━━ Provided data

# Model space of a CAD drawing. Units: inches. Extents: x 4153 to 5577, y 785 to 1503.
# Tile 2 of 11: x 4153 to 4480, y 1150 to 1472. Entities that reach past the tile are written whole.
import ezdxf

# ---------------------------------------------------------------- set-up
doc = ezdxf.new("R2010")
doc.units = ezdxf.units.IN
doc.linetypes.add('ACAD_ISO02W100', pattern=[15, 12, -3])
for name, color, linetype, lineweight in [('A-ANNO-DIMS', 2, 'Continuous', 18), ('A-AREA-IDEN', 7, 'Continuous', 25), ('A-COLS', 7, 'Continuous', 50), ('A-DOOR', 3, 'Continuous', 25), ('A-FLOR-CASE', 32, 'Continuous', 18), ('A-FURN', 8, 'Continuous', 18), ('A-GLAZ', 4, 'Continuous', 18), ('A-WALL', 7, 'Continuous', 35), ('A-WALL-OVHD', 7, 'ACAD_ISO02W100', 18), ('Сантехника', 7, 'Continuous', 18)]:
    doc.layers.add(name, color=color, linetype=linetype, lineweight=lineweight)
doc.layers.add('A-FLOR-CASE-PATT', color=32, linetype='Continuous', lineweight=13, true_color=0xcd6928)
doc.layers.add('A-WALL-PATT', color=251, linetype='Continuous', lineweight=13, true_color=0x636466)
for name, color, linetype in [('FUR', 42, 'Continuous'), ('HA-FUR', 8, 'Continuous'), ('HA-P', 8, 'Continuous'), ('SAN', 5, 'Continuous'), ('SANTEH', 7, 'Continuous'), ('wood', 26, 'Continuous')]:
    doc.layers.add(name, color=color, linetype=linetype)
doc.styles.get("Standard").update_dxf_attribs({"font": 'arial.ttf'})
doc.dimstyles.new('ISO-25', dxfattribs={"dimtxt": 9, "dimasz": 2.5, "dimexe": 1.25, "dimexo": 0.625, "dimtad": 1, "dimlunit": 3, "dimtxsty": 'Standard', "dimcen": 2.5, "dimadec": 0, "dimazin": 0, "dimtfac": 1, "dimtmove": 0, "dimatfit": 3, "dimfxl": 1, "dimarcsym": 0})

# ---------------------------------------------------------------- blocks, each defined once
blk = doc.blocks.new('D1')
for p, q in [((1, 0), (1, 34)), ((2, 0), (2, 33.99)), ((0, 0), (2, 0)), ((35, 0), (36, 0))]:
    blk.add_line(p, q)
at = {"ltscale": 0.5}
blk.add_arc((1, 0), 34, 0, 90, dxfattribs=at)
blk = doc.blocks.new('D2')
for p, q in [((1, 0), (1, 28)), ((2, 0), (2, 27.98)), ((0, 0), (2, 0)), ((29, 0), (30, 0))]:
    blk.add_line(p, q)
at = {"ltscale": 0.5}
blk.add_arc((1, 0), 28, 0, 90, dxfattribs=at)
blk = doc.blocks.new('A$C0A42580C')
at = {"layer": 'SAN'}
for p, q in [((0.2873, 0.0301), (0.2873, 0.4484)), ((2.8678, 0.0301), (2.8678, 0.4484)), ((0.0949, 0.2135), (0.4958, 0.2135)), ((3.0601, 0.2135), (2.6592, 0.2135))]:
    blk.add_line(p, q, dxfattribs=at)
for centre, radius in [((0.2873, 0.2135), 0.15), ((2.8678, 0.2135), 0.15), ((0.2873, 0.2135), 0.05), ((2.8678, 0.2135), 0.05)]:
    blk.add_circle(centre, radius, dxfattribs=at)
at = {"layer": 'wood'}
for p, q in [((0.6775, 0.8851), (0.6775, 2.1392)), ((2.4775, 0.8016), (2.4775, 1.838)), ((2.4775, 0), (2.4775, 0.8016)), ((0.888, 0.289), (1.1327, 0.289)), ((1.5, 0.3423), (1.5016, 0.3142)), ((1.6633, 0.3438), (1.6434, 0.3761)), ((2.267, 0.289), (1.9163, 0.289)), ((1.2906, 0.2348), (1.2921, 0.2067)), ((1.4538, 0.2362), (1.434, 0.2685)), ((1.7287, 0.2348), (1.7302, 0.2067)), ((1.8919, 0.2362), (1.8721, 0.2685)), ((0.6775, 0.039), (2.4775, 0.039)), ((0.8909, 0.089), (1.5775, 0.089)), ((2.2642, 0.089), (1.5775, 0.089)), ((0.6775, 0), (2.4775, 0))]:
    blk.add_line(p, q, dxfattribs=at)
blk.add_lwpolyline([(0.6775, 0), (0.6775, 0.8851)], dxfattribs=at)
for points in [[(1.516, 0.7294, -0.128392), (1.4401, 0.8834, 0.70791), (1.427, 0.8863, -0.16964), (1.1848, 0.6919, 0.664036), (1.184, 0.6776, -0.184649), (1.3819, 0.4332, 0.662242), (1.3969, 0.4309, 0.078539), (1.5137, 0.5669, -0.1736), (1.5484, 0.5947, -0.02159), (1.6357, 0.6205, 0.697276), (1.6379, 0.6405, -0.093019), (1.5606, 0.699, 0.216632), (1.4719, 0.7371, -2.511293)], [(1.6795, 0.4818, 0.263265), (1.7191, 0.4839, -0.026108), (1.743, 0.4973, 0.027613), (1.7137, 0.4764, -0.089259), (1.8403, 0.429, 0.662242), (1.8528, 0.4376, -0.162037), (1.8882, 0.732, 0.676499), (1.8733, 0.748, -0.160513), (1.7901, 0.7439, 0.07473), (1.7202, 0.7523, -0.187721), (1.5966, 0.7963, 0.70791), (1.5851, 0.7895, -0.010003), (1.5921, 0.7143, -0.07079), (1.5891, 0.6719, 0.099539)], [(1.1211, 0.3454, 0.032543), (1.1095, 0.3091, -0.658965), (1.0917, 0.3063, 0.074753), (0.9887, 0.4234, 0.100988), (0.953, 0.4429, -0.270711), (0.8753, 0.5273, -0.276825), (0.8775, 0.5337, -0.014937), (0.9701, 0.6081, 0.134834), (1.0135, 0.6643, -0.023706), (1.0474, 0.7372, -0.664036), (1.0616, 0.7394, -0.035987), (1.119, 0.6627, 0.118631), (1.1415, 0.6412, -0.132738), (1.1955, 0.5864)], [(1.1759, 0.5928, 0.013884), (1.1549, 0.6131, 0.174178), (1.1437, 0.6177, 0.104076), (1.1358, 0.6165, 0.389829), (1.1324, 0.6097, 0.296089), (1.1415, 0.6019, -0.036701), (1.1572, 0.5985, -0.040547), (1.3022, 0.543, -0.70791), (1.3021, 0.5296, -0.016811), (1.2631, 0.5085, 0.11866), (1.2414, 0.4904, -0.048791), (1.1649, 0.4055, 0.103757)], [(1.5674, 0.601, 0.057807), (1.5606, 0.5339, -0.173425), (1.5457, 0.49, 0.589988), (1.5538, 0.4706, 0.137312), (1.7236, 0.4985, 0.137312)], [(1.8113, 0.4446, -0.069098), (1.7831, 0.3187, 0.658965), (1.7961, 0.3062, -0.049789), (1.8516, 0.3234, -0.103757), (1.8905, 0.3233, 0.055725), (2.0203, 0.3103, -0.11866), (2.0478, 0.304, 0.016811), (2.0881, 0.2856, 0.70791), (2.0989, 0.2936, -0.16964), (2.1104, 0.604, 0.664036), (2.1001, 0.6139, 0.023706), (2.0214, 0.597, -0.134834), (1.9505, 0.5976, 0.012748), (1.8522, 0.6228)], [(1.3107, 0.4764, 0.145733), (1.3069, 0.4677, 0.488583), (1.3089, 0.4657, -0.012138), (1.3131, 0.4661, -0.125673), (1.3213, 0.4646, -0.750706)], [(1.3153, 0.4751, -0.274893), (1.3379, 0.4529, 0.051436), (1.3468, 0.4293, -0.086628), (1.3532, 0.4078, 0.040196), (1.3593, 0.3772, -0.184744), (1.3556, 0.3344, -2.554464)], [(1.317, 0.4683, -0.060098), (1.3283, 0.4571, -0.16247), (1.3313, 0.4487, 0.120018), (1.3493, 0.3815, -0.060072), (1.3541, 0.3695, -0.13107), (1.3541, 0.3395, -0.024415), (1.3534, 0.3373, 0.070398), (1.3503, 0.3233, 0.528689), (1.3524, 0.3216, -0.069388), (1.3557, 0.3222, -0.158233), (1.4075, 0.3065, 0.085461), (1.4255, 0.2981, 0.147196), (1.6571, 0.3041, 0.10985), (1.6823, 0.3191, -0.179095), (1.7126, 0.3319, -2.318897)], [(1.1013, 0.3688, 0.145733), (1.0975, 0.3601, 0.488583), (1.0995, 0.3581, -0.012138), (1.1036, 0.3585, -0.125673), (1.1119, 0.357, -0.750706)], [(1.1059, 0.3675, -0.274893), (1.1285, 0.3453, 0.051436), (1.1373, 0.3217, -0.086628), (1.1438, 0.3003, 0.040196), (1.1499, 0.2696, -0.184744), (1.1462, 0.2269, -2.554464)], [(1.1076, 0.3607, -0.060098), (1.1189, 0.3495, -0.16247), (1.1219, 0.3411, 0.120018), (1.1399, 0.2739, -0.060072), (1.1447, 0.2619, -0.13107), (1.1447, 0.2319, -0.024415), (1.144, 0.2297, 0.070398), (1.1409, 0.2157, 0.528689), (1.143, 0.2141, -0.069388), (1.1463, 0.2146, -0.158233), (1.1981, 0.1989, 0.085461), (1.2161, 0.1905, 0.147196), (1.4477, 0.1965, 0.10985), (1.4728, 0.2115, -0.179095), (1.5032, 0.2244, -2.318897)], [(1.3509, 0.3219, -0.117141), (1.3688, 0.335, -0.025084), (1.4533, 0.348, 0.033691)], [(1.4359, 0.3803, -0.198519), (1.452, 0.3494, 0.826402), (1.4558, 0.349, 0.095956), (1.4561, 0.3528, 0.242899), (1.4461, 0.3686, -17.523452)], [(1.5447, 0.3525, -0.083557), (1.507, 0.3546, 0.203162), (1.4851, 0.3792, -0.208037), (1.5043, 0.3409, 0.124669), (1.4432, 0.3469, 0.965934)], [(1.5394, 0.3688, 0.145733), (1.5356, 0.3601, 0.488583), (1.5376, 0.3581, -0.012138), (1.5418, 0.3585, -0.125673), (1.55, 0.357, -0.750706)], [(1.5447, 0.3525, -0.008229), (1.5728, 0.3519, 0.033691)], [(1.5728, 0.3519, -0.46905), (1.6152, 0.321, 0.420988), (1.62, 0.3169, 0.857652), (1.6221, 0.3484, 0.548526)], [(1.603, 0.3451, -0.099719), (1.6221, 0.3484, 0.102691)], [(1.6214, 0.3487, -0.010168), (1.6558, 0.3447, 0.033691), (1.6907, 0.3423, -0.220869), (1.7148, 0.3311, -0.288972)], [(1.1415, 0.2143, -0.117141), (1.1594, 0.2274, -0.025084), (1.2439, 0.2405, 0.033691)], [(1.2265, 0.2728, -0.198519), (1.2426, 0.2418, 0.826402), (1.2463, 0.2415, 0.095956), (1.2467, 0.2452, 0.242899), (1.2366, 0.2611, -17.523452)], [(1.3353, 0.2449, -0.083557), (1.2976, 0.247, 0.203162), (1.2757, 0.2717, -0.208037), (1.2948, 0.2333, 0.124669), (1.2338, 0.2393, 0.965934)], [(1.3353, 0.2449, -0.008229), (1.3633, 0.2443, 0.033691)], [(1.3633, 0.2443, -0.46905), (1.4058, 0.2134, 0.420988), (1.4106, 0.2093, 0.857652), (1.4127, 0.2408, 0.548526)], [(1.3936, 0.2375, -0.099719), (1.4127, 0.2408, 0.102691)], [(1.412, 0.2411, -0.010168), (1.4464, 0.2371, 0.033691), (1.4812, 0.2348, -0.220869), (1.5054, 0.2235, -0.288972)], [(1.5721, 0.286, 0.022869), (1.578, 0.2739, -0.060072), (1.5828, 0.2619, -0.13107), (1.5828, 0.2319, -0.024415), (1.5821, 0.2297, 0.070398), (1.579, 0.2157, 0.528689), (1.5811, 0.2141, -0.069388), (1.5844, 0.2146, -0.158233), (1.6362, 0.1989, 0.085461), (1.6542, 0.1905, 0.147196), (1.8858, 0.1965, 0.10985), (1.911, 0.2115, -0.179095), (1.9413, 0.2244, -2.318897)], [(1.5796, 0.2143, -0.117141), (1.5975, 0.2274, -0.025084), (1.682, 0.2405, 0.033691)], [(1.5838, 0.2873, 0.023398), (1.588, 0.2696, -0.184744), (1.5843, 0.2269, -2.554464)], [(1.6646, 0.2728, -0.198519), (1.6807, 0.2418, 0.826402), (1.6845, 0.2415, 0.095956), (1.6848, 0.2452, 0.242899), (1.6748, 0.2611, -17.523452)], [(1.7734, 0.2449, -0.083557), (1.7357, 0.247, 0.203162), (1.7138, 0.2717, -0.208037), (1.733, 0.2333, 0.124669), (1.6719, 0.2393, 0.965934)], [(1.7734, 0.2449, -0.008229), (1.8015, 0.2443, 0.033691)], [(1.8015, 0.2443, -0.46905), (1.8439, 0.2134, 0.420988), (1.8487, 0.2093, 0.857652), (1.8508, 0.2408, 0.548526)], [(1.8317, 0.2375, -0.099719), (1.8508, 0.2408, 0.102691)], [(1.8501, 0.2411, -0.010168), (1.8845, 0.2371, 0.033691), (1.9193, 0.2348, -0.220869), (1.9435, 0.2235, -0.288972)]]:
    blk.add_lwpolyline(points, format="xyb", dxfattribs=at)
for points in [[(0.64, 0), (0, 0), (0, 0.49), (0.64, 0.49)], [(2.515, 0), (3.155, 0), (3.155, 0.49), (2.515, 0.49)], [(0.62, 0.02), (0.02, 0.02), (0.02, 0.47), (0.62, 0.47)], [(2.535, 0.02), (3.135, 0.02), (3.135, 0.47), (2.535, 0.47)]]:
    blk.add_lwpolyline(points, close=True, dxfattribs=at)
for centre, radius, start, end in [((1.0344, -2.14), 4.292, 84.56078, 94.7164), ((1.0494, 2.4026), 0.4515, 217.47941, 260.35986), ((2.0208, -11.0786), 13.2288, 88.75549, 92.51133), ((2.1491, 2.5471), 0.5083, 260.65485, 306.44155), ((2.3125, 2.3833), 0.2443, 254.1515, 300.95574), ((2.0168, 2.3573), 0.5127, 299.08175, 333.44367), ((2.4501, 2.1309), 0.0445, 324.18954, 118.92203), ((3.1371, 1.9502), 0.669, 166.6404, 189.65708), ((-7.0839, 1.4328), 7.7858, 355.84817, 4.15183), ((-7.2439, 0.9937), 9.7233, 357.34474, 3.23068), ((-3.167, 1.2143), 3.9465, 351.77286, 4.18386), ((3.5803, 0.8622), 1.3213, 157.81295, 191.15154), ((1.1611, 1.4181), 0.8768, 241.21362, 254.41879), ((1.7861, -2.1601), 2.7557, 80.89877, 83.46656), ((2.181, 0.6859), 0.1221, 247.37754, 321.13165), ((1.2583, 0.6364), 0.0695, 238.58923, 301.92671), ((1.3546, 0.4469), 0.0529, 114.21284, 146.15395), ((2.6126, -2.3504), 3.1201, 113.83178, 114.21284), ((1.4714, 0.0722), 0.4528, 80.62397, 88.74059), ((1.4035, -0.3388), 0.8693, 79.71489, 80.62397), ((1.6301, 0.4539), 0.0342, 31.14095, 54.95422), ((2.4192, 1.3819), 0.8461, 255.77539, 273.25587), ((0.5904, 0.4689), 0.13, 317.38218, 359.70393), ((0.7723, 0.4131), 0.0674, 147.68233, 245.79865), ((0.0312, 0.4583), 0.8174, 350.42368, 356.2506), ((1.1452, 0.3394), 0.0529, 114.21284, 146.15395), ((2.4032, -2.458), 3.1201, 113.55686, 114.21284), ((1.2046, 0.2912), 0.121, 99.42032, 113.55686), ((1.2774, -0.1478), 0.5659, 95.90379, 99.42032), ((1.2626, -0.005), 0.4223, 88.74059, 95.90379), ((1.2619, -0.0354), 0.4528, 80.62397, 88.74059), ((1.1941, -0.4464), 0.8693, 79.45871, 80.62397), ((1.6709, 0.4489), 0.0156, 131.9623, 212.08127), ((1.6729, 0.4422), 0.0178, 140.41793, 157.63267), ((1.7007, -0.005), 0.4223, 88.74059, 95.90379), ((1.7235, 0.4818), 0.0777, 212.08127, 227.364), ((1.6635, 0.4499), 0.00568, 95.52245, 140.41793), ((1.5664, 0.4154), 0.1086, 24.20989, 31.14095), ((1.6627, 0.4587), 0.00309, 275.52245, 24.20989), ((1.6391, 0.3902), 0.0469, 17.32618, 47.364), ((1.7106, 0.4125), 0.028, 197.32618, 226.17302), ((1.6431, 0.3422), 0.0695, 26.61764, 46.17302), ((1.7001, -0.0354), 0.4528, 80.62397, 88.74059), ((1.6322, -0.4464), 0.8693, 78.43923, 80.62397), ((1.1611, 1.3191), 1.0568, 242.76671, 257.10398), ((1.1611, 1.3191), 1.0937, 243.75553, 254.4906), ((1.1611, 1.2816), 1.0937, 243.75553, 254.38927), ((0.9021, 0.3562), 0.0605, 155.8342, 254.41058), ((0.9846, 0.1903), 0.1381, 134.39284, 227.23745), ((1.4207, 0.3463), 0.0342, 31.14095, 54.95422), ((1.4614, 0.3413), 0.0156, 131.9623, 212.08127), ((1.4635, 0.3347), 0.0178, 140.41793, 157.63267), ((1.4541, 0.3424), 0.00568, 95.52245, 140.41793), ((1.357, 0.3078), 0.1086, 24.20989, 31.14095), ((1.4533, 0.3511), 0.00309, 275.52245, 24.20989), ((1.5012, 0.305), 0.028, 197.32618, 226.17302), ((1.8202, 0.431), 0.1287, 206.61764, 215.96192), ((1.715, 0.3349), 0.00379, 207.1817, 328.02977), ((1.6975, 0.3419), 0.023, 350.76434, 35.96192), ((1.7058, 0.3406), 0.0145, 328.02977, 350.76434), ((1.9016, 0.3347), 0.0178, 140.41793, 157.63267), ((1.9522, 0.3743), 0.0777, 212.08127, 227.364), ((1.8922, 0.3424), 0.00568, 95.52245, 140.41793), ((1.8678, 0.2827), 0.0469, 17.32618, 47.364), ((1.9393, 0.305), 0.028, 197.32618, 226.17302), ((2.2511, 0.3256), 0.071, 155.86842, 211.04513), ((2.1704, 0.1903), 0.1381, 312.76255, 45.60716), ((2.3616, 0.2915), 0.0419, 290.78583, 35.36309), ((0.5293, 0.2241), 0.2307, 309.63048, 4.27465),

━━━━

* _Task prompt_: Find the word "FLOR" in the entries, and copy every line it shows up in.

* _Exercise output_:
for name, color, linetype, lineweight in [('A-ANNO-DIMS', 2, 'Continuous', 18), ('A-AREA-IDEN', 7, 'Continuous', 25), ('A-COLS', 7, 'Continuous', 50), ('A-DOOR', 3, 'Continuous', 25), ('A-FLOR-CASE', 32, 'Continuous', 18), ('A-FURN', 8, 'Continuous', 18), ('A-GLAZ', 4, 'Continuous', 18), ('A-WALL', 7, 'Continuous', 35), ('A-WALL-OVHD', 7, 'ACAD_ISO02W100', 18), ('Сантехника', 7, 'Continuous', 18)]:
doc.layers.add('A-FLOR-CASE-PATT', color=32, linetype='Continuous', lineweight=13, true_color=0xcd6928)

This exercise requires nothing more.